### Task goal
Check the records below line by line for the string "spatial". Give the number of lines that contain it and nothing else.

=== Information given ===

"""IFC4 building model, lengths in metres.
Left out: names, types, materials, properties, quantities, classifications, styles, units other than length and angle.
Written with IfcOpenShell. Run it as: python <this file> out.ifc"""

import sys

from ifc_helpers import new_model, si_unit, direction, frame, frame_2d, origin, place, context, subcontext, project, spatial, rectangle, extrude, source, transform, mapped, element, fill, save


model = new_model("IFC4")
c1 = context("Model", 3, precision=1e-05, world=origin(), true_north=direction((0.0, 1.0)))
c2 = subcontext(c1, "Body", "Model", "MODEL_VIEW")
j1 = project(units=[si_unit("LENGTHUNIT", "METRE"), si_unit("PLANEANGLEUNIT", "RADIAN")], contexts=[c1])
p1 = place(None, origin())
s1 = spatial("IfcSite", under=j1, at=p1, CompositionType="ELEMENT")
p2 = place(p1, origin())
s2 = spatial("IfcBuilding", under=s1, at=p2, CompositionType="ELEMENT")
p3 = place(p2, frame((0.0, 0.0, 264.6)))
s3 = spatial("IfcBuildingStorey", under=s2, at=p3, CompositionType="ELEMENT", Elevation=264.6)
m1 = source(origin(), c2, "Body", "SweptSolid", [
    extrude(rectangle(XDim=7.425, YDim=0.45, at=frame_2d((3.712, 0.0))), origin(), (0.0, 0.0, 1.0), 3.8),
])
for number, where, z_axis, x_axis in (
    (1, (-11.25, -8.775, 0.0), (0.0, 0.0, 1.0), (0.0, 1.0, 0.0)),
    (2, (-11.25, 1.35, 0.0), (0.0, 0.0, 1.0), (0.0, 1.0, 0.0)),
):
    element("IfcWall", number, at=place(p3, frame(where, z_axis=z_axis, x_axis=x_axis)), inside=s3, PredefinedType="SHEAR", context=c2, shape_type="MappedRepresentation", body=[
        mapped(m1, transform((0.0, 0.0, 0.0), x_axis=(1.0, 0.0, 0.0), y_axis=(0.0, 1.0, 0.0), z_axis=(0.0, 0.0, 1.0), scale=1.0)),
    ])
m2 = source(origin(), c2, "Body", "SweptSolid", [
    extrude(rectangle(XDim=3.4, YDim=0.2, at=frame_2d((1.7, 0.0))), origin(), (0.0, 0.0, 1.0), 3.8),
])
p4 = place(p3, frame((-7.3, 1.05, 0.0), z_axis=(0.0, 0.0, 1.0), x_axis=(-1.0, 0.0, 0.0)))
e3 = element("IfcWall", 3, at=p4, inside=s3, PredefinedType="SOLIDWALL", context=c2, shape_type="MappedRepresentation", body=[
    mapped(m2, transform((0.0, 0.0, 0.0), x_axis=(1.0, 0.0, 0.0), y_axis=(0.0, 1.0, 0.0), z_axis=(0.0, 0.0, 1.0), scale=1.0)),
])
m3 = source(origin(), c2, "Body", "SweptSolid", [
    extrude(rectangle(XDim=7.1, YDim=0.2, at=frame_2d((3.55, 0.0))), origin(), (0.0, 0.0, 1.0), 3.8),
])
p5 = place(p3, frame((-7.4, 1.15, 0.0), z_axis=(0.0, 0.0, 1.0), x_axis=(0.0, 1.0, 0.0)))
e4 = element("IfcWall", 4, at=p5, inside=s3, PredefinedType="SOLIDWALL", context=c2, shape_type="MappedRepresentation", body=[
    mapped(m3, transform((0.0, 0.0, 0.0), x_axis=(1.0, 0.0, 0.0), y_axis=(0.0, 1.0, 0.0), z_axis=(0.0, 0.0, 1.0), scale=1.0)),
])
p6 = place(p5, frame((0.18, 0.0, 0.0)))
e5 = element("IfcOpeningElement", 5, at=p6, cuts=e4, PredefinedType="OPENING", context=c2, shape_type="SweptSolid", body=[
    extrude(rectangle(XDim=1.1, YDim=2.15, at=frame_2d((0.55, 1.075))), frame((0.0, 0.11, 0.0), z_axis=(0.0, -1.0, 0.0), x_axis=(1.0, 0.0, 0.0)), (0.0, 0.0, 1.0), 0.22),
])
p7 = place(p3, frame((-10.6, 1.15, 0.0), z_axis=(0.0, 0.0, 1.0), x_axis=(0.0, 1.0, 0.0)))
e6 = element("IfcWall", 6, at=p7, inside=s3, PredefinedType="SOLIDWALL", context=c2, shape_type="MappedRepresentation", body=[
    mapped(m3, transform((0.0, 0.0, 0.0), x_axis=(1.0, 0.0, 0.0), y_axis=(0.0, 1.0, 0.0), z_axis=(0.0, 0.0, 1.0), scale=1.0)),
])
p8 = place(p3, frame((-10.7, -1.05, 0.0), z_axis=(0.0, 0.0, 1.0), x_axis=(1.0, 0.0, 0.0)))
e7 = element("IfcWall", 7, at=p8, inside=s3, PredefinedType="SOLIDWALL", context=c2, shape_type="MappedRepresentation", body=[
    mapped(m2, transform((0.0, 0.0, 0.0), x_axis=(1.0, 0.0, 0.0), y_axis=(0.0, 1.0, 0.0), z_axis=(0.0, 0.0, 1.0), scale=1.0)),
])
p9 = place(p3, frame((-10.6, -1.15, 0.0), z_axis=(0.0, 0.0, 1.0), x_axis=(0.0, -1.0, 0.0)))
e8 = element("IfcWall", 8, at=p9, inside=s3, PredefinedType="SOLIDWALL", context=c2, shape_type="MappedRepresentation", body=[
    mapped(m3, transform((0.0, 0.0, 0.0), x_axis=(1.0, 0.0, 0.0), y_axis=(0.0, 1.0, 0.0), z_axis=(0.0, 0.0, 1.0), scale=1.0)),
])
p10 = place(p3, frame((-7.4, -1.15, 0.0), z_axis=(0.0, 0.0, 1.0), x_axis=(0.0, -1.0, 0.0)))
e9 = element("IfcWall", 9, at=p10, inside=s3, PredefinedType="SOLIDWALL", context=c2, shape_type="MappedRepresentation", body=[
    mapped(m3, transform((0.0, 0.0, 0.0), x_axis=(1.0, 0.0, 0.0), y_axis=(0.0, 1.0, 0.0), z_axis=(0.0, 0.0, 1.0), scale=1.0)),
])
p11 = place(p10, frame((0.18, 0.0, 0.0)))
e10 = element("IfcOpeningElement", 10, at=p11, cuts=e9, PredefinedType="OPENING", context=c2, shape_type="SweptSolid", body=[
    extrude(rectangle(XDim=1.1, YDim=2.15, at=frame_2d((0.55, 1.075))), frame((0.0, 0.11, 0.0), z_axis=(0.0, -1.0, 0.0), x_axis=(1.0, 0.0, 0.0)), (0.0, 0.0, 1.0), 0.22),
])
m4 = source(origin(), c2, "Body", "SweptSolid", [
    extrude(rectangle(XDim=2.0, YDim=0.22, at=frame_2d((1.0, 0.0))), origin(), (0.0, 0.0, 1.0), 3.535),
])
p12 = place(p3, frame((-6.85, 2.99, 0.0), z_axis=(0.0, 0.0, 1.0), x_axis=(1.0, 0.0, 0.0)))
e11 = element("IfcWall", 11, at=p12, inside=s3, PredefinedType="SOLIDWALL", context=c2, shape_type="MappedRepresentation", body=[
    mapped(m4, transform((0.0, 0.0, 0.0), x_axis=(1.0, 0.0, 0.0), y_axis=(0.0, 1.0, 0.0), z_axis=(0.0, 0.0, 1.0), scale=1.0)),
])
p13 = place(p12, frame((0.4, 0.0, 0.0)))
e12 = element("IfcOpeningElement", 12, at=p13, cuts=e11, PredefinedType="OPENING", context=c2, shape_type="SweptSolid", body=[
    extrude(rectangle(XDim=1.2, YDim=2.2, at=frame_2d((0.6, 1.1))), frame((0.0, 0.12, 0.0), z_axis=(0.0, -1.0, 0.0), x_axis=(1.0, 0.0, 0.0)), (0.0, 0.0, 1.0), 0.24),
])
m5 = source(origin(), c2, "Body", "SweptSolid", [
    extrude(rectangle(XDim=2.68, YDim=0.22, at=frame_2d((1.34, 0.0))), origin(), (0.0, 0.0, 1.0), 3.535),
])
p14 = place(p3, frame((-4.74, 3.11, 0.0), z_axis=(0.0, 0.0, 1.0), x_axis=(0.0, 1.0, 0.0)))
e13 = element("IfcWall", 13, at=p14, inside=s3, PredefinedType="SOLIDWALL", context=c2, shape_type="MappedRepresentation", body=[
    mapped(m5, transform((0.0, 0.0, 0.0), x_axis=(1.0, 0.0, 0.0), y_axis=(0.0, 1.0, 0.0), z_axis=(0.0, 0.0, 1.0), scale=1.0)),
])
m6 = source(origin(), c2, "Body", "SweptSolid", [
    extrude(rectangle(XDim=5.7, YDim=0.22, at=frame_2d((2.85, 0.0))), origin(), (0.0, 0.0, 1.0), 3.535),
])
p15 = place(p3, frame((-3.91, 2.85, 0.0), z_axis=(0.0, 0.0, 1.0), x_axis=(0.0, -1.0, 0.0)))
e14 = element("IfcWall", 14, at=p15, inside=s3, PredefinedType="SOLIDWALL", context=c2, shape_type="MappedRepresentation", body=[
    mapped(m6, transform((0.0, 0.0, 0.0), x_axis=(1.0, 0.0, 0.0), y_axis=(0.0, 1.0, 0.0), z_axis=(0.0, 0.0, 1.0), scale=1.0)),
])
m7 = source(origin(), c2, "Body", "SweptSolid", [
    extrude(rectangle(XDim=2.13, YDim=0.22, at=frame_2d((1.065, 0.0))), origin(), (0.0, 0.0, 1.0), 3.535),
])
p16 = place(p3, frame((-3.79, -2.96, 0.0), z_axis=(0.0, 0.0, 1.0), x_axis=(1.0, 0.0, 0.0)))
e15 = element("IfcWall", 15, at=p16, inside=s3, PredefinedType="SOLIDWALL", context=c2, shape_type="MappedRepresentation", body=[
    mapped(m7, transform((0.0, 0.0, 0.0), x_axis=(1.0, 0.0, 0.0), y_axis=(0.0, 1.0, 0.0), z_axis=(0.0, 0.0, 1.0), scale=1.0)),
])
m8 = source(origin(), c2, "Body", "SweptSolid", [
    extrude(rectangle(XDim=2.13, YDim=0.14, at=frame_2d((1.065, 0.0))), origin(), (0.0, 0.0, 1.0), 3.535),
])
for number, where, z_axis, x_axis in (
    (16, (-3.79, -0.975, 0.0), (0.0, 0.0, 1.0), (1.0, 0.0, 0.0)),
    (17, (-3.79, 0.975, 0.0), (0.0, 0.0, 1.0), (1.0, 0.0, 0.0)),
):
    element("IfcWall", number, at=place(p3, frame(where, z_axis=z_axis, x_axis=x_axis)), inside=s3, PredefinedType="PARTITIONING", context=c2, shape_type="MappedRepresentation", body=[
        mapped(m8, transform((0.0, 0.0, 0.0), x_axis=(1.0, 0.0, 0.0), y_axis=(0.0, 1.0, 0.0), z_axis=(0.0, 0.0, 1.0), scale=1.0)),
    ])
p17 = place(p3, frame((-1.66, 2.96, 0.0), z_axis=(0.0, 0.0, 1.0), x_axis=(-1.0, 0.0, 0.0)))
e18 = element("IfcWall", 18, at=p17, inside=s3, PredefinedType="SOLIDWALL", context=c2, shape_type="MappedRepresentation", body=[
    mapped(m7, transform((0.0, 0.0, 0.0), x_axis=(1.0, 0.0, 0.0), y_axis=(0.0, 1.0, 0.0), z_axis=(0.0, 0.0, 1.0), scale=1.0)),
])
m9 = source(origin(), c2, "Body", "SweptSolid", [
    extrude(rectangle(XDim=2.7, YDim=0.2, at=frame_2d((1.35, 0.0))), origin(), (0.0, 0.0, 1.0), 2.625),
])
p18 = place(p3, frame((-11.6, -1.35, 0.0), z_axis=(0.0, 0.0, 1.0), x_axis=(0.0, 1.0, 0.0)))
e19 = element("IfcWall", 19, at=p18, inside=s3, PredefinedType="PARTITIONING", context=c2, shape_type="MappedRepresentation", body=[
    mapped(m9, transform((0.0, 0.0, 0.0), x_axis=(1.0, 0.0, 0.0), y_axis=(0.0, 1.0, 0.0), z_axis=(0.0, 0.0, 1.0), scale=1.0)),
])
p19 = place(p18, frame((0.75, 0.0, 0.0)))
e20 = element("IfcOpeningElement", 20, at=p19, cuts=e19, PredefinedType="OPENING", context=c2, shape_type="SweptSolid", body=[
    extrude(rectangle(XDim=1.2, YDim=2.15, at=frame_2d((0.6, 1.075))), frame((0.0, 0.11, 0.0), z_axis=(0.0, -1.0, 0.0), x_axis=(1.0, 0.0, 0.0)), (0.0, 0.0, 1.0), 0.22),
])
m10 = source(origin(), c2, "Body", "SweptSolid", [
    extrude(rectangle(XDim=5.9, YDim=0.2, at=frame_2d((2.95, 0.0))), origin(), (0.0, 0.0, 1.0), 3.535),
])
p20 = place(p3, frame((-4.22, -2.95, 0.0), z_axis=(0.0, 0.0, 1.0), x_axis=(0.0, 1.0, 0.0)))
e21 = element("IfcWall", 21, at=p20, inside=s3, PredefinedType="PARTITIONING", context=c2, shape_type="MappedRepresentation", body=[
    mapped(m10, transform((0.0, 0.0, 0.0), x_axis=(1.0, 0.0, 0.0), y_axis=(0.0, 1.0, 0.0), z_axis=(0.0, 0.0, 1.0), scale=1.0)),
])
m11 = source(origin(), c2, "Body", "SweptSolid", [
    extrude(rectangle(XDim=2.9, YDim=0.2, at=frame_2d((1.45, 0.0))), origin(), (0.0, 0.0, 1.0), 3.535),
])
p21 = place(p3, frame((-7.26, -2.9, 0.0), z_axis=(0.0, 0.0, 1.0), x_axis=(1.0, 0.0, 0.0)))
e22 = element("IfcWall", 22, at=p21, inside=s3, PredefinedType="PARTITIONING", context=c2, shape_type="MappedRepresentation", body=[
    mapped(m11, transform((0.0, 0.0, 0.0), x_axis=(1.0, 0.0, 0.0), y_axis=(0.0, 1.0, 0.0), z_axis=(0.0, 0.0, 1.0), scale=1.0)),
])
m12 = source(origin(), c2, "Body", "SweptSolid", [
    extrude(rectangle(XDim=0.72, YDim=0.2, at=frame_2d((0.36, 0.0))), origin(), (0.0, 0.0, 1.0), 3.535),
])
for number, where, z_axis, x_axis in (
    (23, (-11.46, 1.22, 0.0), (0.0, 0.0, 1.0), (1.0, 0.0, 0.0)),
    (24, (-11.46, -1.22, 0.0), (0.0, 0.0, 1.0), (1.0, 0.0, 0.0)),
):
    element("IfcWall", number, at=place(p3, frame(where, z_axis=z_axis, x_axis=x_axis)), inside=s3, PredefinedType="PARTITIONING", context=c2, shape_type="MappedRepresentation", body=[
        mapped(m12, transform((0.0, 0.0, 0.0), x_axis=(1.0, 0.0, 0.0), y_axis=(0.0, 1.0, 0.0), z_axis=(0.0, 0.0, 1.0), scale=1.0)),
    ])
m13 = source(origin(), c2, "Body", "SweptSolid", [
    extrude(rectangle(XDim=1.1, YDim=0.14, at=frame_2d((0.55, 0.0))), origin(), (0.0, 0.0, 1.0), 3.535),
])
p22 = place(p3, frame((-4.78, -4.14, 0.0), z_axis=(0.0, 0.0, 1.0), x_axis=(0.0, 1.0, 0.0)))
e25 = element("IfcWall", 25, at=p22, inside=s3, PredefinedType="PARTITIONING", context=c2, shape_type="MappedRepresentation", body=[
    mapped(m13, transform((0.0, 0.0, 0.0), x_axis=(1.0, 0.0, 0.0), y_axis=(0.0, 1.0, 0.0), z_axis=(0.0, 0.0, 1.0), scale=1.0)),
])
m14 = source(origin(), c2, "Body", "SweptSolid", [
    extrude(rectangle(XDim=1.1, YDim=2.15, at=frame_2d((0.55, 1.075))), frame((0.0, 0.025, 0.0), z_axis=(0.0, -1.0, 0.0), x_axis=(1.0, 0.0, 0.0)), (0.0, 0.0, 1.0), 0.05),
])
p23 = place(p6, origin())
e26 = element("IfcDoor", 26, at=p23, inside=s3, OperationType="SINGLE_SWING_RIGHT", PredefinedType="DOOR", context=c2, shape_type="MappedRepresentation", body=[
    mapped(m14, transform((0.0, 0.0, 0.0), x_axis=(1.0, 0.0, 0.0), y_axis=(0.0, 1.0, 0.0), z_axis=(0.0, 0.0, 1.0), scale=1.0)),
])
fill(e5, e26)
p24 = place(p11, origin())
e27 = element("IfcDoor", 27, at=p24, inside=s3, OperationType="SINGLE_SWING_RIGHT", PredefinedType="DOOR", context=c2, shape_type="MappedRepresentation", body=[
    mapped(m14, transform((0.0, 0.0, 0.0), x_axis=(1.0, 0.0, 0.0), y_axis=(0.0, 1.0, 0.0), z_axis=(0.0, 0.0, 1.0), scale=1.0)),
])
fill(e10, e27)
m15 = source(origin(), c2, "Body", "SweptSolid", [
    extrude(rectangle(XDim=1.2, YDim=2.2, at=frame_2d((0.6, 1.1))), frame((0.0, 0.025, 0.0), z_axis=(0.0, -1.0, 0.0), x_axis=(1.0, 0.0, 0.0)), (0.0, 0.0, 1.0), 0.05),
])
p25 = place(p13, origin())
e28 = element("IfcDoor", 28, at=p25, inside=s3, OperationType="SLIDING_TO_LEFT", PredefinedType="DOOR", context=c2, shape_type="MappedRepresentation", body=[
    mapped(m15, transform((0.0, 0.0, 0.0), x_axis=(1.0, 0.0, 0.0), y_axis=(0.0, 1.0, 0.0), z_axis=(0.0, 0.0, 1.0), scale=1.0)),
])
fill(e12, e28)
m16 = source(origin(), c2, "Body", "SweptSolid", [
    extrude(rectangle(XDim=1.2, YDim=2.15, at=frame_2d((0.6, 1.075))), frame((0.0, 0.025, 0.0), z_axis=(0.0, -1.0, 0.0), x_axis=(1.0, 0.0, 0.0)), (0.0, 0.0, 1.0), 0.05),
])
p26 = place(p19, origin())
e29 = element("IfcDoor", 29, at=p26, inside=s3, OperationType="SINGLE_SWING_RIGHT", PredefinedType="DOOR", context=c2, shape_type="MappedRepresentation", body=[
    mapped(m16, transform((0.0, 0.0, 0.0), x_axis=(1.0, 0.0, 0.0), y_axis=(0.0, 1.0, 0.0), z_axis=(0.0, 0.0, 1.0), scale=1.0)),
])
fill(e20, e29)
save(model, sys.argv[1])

===

### Task result
4